Lines to return, exactly: from the line with "55.12, 0.0), z_axis=(0.0, 0.0, 1.0), x_axis=(0.0, 1.0, 0.0)))" to the line with "p23 = place(p15, origin())" in the entries below, both included.

BEGIN

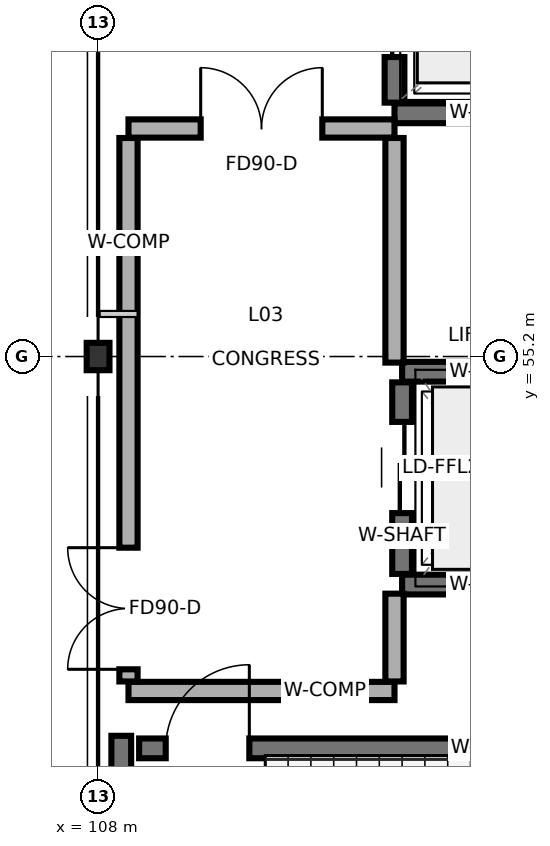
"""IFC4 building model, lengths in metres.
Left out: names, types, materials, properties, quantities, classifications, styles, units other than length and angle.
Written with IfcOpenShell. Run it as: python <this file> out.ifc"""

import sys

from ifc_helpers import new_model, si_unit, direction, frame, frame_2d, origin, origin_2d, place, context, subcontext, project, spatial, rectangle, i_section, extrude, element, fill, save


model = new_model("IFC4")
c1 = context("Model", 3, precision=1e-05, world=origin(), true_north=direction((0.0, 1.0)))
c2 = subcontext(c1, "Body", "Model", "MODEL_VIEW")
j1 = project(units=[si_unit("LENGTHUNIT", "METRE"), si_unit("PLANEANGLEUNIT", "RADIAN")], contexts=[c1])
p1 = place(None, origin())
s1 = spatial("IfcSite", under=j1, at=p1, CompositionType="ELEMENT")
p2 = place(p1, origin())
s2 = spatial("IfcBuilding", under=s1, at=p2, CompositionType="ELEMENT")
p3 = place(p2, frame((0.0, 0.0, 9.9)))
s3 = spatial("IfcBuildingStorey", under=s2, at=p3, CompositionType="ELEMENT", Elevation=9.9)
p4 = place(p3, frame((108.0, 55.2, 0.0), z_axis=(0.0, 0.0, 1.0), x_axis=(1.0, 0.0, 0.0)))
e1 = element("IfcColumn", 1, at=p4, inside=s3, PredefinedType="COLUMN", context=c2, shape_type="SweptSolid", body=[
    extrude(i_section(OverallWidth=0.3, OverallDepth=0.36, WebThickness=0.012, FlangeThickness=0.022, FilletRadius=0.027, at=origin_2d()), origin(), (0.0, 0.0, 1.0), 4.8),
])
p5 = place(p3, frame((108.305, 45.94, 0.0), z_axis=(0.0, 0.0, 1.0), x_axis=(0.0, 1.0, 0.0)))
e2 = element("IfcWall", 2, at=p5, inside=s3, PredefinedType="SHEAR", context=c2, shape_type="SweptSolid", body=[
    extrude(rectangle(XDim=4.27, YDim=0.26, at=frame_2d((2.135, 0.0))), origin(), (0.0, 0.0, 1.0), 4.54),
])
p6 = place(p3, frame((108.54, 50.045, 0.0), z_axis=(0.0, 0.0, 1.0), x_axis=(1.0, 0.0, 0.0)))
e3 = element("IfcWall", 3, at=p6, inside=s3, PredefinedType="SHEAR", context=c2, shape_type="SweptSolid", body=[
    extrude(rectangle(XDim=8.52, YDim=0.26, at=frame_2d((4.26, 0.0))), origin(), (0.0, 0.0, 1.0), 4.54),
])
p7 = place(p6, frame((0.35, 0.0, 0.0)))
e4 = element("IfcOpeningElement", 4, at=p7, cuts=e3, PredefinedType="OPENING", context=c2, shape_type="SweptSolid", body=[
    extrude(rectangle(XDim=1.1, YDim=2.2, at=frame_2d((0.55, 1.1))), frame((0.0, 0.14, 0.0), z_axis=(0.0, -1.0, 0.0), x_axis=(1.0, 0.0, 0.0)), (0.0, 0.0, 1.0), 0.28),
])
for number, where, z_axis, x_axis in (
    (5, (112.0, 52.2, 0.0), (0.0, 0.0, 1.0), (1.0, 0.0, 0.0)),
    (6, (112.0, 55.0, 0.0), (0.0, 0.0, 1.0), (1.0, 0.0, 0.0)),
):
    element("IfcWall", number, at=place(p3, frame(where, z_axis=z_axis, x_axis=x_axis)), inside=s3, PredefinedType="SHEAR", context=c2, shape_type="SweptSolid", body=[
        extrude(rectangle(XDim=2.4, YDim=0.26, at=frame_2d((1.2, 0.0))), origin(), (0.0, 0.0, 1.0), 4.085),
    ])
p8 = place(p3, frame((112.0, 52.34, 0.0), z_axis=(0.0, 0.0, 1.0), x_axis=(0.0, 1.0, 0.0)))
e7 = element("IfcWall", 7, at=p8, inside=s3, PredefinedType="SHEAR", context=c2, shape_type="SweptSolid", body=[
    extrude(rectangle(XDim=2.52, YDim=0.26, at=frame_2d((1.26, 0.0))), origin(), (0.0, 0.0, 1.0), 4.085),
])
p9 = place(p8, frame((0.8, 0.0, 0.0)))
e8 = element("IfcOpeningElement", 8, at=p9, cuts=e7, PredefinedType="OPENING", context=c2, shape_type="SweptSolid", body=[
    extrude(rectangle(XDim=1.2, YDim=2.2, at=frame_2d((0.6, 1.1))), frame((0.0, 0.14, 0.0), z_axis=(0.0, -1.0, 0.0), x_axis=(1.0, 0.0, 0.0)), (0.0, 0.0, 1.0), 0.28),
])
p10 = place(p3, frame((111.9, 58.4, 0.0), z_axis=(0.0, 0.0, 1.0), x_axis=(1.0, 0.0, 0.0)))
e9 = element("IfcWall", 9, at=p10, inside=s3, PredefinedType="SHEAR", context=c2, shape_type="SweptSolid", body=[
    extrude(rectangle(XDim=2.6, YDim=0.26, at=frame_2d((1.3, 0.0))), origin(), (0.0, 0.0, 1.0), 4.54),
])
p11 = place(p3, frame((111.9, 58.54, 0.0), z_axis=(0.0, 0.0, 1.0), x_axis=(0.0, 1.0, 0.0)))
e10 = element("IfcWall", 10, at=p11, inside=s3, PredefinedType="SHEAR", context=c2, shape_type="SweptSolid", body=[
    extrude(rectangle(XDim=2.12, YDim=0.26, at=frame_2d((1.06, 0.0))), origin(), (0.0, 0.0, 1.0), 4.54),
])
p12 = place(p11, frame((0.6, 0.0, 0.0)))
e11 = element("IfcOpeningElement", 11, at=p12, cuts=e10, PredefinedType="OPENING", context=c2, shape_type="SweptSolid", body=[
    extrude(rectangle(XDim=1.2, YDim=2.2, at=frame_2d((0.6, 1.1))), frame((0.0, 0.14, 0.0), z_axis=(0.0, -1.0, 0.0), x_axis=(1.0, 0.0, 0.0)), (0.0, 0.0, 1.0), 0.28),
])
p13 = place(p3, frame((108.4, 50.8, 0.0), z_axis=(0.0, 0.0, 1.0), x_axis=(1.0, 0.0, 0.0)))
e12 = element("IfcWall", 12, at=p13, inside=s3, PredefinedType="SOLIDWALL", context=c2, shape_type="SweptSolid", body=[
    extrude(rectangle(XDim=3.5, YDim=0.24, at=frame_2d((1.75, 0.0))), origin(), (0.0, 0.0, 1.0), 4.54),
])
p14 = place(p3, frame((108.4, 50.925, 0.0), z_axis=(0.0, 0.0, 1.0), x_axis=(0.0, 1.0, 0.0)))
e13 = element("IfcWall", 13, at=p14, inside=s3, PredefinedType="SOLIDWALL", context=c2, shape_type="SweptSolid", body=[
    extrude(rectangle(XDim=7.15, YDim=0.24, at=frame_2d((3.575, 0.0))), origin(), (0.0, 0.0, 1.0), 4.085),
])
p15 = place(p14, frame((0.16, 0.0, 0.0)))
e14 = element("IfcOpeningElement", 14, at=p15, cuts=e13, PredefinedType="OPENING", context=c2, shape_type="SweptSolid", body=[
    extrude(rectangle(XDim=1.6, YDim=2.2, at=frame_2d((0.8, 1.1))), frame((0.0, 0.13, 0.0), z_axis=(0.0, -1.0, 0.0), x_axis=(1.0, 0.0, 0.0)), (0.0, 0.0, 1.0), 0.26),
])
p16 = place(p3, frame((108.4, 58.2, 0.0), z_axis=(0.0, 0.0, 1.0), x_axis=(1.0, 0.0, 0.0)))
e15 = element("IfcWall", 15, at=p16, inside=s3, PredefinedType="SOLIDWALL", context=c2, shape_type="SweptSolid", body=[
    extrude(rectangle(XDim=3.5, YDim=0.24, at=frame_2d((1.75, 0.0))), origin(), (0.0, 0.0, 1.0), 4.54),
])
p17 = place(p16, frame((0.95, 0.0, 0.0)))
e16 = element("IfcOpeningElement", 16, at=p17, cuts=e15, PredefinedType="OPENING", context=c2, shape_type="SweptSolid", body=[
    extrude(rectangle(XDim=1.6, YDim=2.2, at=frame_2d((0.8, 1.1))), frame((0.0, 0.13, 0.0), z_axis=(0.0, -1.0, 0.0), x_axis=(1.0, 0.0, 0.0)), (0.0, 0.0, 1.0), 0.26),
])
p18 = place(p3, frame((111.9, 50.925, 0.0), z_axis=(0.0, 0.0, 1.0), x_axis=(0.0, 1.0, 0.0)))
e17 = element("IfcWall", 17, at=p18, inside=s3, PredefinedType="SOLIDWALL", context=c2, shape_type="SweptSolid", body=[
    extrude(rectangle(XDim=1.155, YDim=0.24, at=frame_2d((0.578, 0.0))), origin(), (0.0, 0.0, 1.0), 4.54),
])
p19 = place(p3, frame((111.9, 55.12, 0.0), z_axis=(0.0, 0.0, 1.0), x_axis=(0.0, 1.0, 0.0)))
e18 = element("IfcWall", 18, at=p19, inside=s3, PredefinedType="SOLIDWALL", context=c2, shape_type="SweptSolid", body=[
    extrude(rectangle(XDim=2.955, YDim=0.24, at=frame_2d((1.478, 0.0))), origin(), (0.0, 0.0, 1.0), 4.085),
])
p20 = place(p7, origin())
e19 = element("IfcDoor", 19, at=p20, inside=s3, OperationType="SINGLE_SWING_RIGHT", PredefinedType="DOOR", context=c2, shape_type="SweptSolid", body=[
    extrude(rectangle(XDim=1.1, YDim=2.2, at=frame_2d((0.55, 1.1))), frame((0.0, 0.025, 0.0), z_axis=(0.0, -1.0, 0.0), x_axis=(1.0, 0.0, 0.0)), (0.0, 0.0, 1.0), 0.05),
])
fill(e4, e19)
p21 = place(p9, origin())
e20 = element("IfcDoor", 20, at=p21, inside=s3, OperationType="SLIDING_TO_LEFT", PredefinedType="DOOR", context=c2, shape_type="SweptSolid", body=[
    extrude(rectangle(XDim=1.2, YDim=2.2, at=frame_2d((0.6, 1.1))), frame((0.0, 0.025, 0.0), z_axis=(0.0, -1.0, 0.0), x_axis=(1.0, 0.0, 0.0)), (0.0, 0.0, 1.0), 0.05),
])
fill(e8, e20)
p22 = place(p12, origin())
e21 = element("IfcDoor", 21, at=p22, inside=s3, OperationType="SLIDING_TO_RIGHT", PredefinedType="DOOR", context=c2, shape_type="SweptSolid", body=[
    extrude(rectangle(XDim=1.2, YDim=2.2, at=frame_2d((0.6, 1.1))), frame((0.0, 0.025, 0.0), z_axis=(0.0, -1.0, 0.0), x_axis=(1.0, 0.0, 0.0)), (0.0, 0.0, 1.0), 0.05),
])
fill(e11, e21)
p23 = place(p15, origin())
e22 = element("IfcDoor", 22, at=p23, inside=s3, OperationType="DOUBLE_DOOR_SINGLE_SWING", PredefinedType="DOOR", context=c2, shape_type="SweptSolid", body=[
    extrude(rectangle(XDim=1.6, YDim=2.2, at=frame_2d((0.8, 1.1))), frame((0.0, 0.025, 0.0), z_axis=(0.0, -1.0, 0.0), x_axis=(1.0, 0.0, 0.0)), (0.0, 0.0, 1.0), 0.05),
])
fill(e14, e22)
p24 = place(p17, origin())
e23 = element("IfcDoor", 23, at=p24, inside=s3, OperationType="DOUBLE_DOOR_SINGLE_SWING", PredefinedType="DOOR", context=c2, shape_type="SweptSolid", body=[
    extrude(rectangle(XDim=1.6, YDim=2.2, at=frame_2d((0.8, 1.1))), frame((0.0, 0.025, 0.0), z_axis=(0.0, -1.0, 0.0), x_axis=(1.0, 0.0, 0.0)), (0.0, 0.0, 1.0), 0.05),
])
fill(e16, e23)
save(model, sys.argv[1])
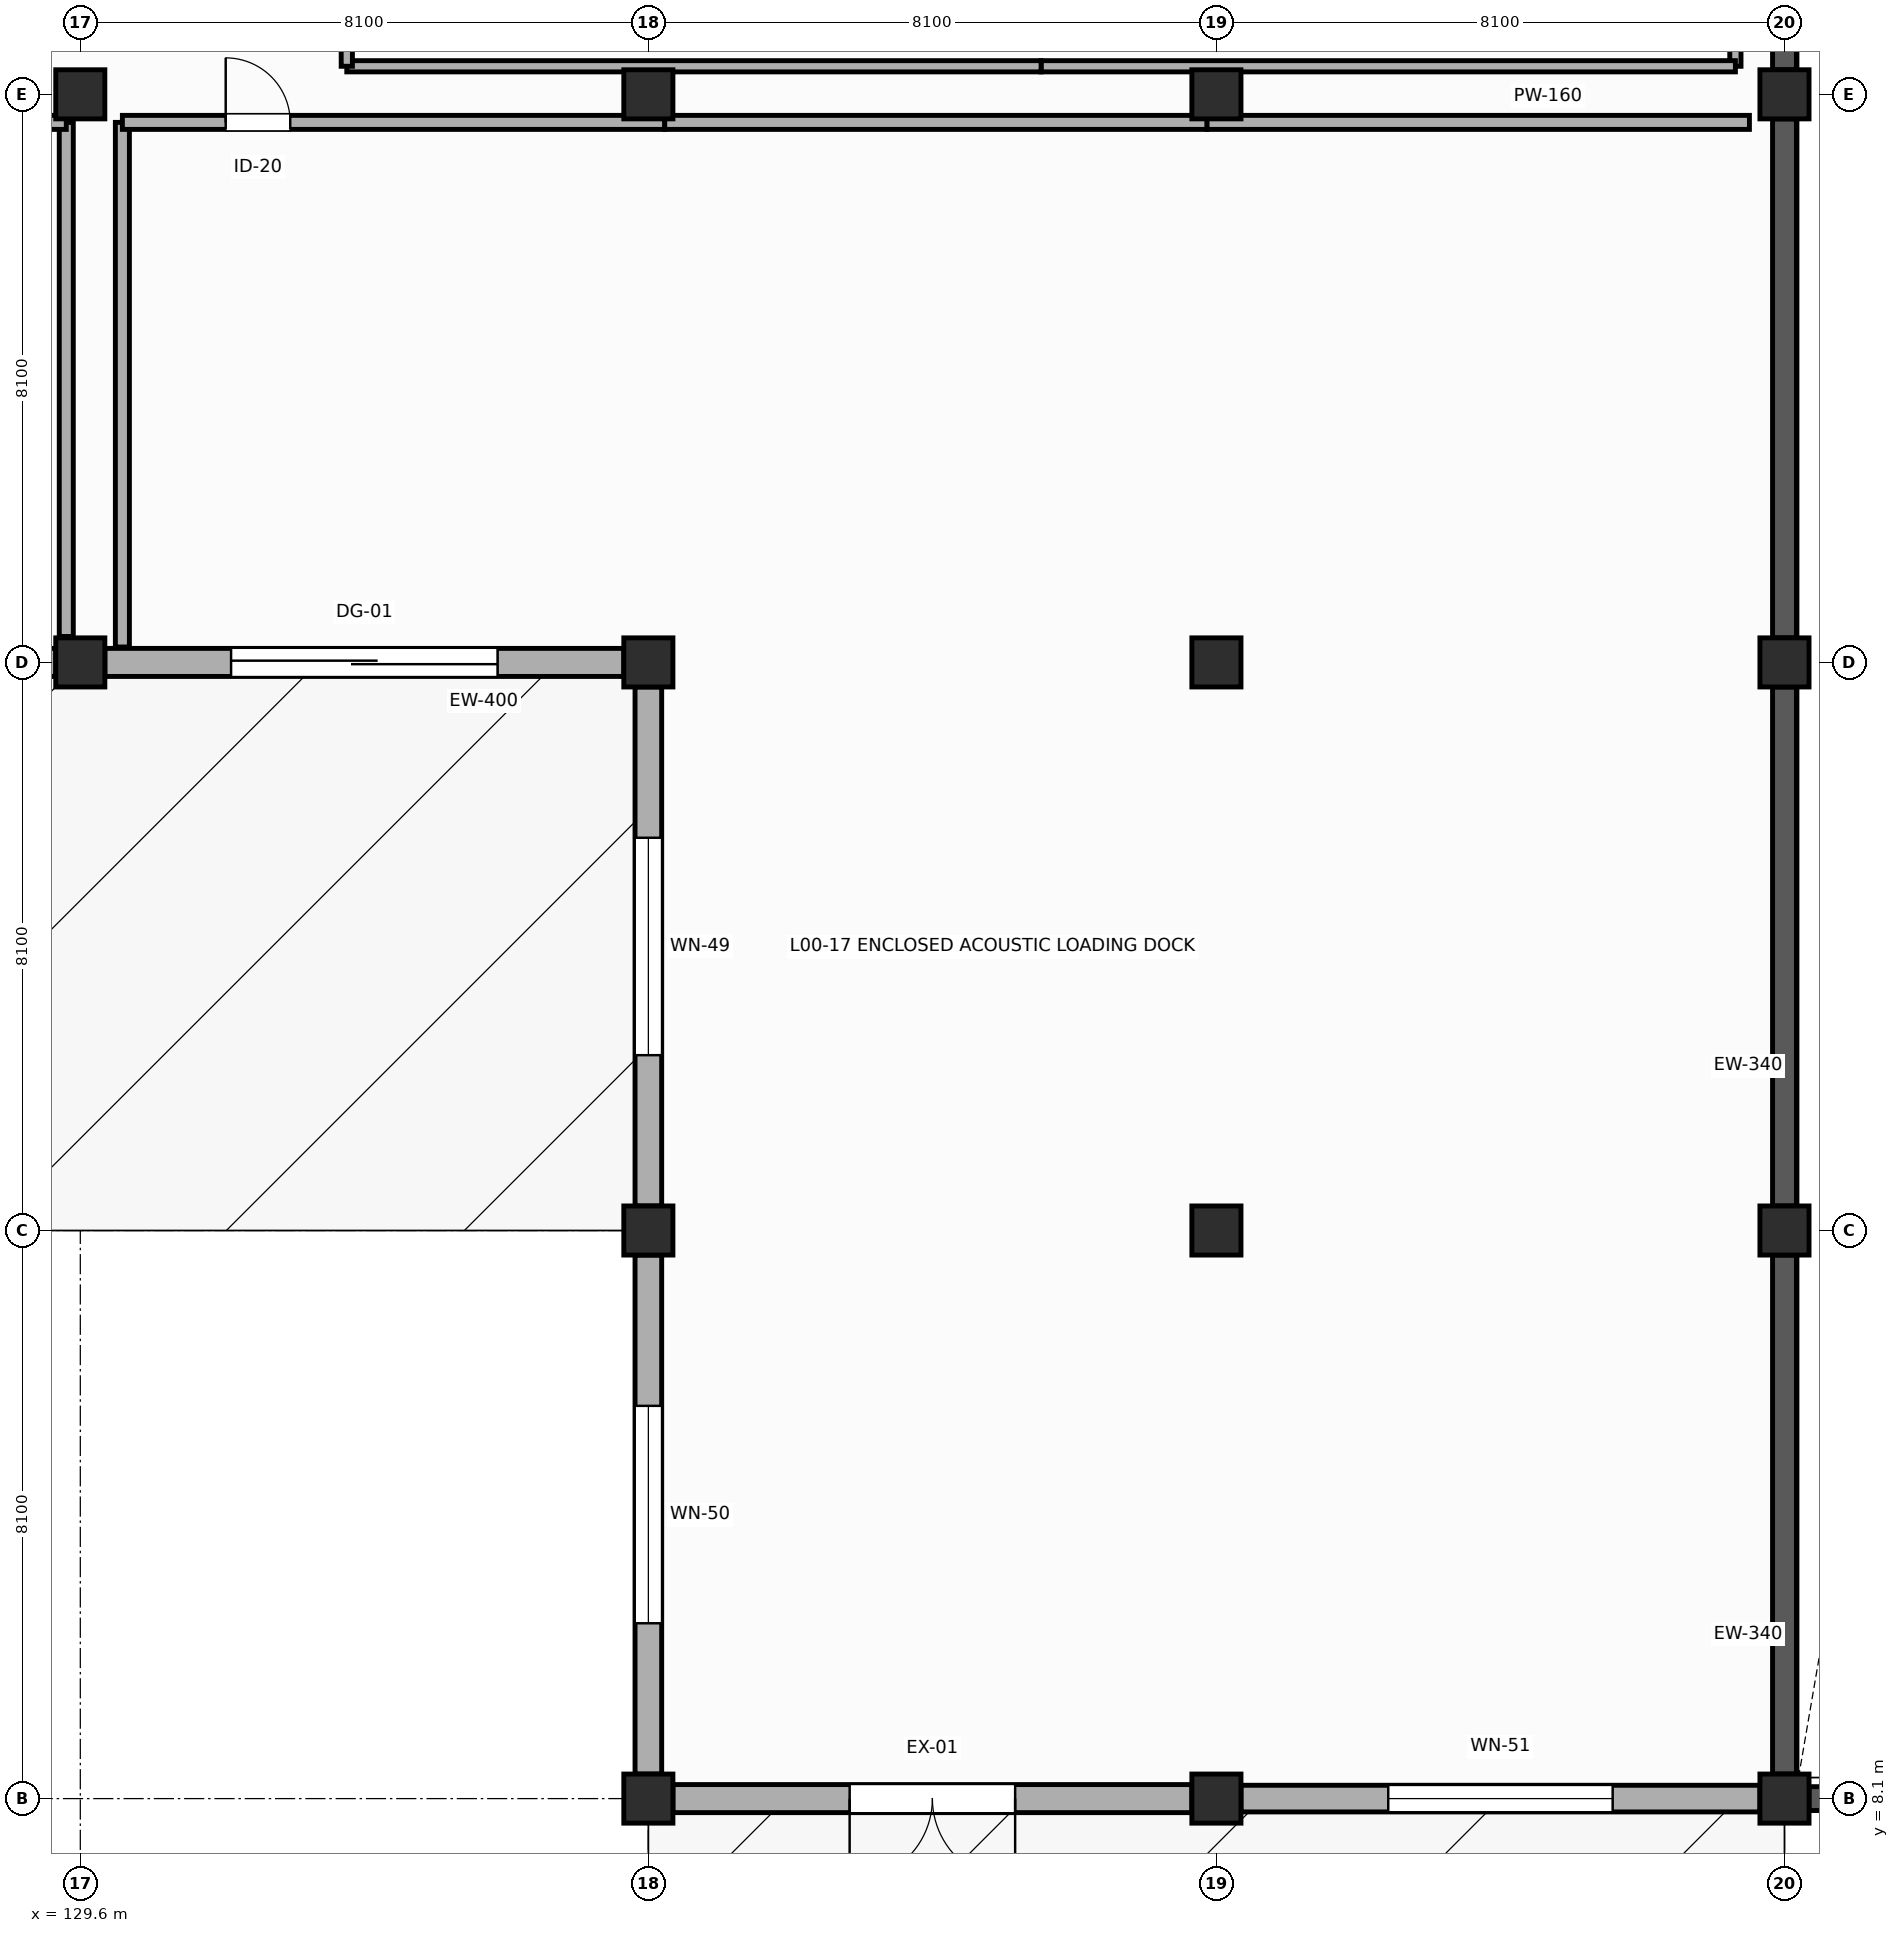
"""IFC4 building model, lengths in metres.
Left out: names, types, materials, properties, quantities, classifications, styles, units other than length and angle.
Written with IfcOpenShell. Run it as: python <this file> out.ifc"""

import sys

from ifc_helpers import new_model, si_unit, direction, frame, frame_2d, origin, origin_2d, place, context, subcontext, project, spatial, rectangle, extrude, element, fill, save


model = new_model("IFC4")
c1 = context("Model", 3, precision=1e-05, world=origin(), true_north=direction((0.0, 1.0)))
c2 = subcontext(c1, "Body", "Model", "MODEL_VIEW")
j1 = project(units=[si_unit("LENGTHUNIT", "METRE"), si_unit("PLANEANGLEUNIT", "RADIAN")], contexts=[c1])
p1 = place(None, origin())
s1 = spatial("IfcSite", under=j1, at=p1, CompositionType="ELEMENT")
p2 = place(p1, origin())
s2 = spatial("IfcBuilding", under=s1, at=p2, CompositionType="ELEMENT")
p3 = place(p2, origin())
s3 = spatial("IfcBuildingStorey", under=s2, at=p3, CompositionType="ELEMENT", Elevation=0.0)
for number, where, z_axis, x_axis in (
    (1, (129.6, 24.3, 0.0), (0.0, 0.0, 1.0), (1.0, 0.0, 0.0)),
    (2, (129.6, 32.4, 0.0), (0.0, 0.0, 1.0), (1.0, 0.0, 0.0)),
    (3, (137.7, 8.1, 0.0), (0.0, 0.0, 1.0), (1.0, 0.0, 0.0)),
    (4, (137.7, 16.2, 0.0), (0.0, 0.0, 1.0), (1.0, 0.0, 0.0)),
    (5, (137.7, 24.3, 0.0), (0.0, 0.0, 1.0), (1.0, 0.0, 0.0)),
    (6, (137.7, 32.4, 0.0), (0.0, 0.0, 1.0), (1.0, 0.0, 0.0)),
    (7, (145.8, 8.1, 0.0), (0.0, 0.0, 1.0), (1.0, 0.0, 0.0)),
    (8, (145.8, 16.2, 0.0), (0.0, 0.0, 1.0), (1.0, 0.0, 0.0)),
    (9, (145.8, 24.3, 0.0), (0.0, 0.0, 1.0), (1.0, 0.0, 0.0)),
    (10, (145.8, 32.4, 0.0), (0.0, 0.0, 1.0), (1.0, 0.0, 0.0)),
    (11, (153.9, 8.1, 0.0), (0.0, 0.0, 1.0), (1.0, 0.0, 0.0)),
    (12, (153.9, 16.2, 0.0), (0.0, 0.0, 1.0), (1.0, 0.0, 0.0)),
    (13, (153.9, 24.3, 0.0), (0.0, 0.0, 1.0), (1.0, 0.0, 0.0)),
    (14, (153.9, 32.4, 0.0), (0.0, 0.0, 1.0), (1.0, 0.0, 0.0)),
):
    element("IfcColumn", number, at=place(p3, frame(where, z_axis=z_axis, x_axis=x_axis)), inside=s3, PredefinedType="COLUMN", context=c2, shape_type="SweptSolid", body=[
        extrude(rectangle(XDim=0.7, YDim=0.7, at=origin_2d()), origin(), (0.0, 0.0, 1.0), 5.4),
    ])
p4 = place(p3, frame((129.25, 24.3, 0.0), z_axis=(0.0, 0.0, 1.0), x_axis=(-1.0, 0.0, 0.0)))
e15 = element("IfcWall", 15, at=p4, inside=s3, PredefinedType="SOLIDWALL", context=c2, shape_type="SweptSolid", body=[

END

* [Solution to the problem]
p19 = place(p3, frame((111.9, 55.12, 0.0), z_axis=(0.0, 0.0, 1.0), x_axis=(0.0, 1.0, 0.0)))
e18 = element("IfcWall", 18, at=p19, inside=s3, PredefinedType="SOLIDWALL", context=c2, shape_type="SweptSolid", body=[
    extrude(rectangle(XDim=2.955, YDim=0.24, at=frame_2d((1.478, 0.0))), origin(), (0.0, 0.0, 1.0), 4.085),
])
p20 = place(p7, origin())
e19 = element("IfcDoor", 19, at=p20, inside=s3, OperationType="SINGLE_SWING_RIGHT", PredefinedType="DOOR", context=c2, shape_type="SweptSolid", body=[
    extrude(rectangle(XDim=1.1, YDim=2.2, at=frame_2d((0.55, 1.1))), frame((0.0, 0.025, 0.0), z_axis=(0.0, -1.0, 0.0), x_axis=(1.0, 0.0, 0.0)), (0.0, 0.0, 1.0), 0.05),
])
fill(e4, e19)
p21 = place(p9, origin())
e20 = element("IfcDoor", 20, at=p21, inside=s3, OperationType="SLIDING_TO_LEFT", PredefinedType="DOOR", context=c2, shape_type="SweptSolid", body=[
    extrude(rectangle(XDim=1.2, YDim=2.2, at=frame_2d((0.6, 1.1))), frame((0.0, 0.025, 0.0), z_axis=(0.0, -1.0, 0.0), x_axis=(1.0, 0.0, 0.0)), (0.0, 0.0, 1.0), 0.05),
])
fill(e8, e20)
p22 = place(p12, origin())
e21 = element("IfcDoor", 21, at=p22, inside=s3, OperationType="SLIDING_TO_RIGHT", PredefinedType="DOOR", context=c2, shape_type="SweptSolid", body=[
    extrude(rectangle(XDim=1.2, YDim=2.2, at=frame_2d((0.6, 1.1))), frame((0.0, 0.025, 0.0), z_axis=(0.0, -1.0, 0.0), x_axis=(1.0, 0.0, 0.0)), (0.0, 0.0, 1.0), 0.05),
])
fill(e11, e21)
p23 = place(p15, origin())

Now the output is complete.